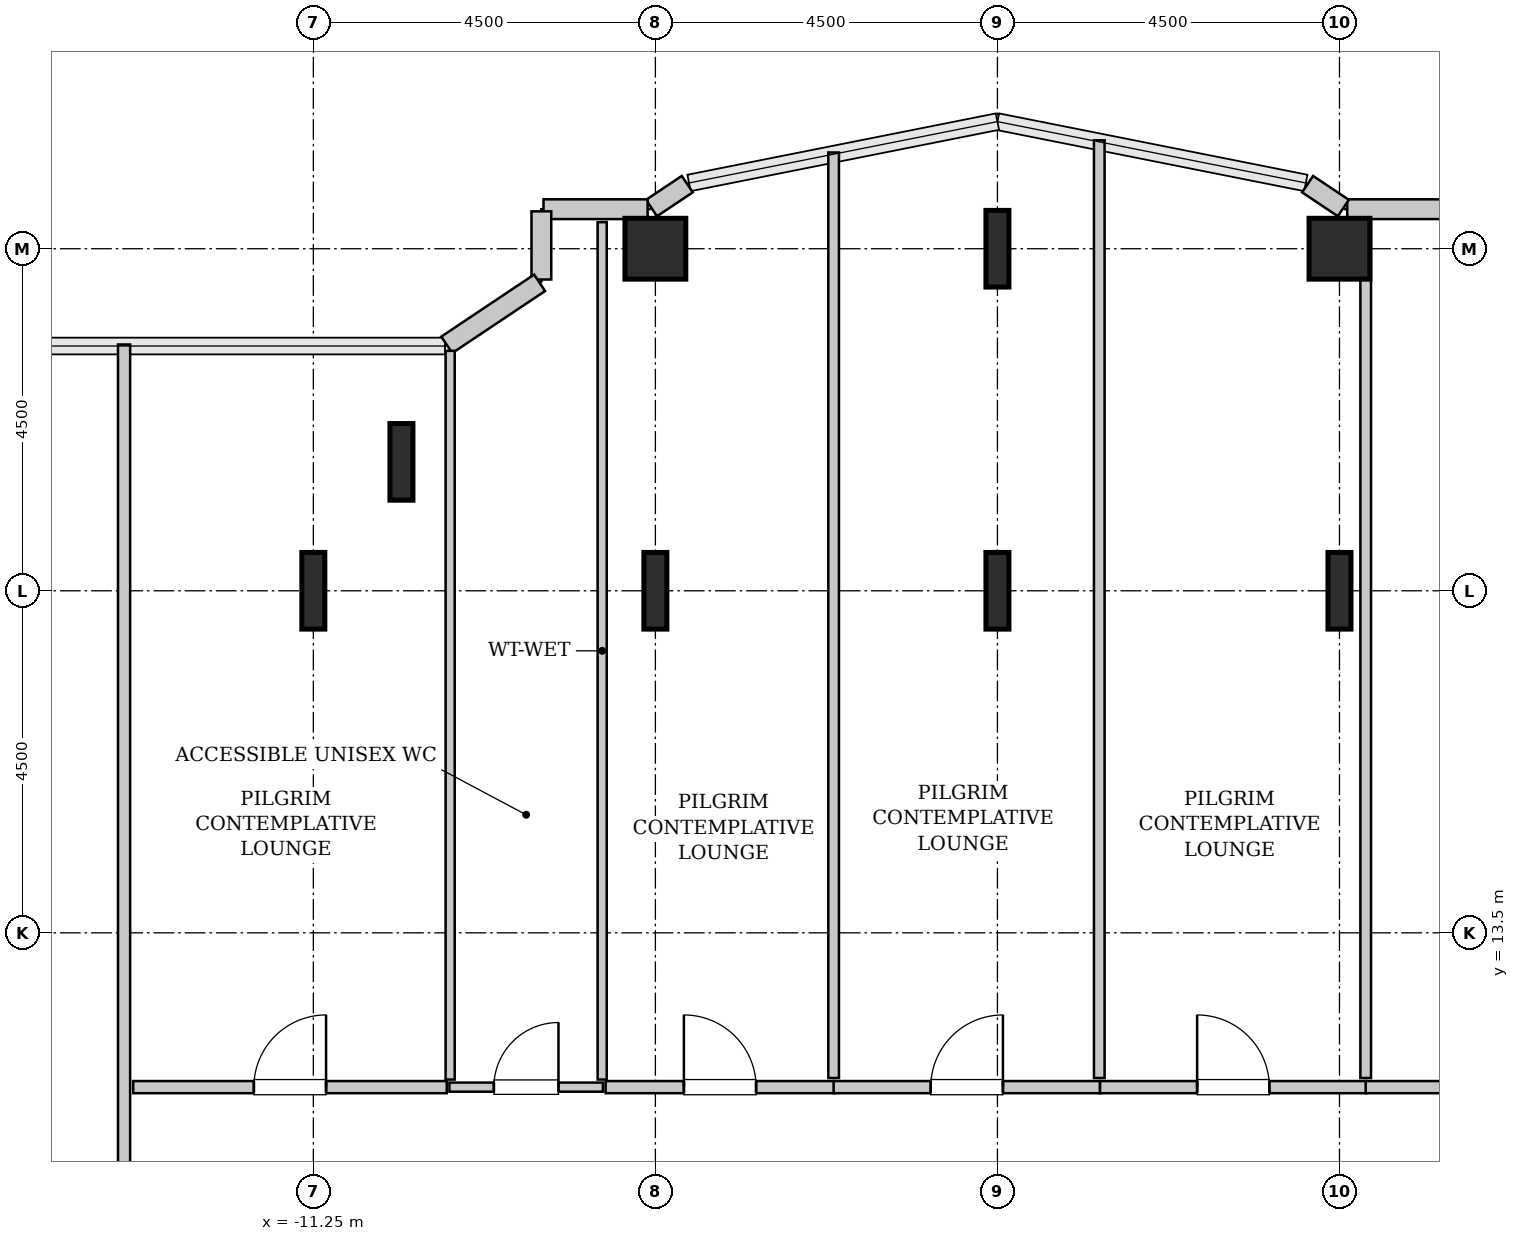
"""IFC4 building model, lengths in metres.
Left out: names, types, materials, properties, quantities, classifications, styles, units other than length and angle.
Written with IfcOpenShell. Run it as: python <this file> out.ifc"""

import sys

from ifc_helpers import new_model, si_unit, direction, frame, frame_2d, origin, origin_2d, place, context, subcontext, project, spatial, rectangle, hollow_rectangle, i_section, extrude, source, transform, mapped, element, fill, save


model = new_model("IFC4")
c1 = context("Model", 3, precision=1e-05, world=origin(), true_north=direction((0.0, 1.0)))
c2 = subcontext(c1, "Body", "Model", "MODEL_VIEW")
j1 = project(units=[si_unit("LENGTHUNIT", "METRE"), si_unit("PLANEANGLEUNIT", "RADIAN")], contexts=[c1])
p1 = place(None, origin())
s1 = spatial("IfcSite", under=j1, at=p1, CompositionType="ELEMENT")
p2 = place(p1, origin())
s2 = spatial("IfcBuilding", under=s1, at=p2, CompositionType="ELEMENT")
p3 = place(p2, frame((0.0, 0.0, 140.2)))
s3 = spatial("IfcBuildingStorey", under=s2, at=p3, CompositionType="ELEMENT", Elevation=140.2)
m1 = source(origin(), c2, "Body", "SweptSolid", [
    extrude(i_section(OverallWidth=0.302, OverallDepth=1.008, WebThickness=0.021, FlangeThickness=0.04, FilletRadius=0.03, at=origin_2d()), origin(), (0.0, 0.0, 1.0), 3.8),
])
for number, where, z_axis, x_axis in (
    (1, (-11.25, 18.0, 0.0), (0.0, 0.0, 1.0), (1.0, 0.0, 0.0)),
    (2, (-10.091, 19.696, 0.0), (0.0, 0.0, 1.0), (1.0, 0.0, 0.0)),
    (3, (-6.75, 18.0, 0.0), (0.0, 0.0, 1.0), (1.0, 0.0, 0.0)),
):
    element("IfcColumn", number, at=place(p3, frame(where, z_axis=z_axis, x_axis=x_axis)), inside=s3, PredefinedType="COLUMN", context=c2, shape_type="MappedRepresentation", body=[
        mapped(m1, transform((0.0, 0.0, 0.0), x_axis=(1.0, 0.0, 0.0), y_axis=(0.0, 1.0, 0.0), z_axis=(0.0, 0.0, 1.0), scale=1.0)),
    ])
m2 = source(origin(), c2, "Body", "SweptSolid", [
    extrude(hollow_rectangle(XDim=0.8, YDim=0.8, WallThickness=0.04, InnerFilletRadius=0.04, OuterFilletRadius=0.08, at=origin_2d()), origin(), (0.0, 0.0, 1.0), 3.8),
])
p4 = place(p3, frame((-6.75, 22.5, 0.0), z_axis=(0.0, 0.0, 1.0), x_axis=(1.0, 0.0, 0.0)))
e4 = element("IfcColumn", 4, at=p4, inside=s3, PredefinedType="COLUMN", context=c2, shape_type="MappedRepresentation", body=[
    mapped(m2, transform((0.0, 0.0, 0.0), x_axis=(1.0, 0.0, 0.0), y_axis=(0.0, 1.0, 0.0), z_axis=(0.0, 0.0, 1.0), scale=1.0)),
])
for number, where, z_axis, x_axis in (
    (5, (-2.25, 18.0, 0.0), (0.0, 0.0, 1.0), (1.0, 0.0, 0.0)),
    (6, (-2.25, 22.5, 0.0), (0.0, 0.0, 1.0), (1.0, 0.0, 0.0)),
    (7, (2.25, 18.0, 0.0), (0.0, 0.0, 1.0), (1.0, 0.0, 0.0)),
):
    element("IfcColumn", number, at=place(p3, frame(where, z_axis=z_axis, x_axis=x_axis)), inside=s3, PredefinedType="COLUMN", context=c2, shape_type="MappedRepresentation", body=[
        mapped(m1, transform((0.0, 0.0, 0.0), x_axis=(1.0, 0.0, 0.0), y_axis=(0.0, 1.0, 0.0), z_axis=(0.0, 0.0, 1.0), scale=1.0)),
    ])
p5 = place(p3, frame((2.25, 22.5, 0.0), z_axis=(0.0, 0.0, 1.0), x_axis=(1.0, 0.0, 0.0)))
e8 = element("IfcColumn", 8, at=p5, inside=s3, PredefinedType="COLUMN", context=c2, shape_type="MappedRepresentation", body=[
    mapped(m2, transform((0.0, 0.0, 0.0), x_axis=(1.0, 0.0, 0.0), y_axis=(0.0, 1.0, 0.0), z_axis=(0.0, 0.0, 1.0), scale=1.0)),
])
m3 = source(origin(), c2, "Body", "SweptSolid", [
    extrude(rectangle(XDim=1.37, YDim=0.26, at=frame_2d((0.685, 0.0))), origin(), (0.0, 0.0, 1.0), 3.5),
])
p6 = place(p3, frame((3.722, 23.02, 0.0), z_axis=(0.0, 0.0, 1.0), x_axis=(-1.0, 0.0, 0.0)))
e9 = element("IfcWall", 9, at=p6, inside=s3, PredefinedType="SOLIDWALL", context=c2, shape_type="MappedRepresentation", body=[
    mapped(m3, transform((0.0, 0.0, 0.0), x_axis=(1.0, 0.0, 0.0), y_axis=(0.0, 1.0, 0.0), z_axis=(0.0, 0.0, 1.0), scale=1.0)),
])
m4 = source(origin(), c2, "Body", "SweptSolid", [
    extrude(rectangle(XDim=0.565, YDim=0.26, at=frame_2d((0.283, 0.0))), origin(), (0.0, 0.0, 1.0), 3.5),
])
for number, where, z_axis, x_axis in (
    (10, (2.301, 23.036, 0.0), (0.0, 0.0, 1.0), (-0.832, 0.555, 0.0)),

▶ [ACTION ITEM] The lines that mention the word "under" should be pulled from the records above.

▶ [SOLUTION FOR THIS EXERCISE]
s1 = spatial("IfcSite", under=j1, at=p1, CompositionType="ELEMENT")
s2 = spatial("IfcBuilding", under=s1, at=p2, CompositionType="ELEMENT")
s3 = spatial("IfcBuildingStorey", under=s2, at=p3, CompositionType="ELEMENT", Elevation=140.2)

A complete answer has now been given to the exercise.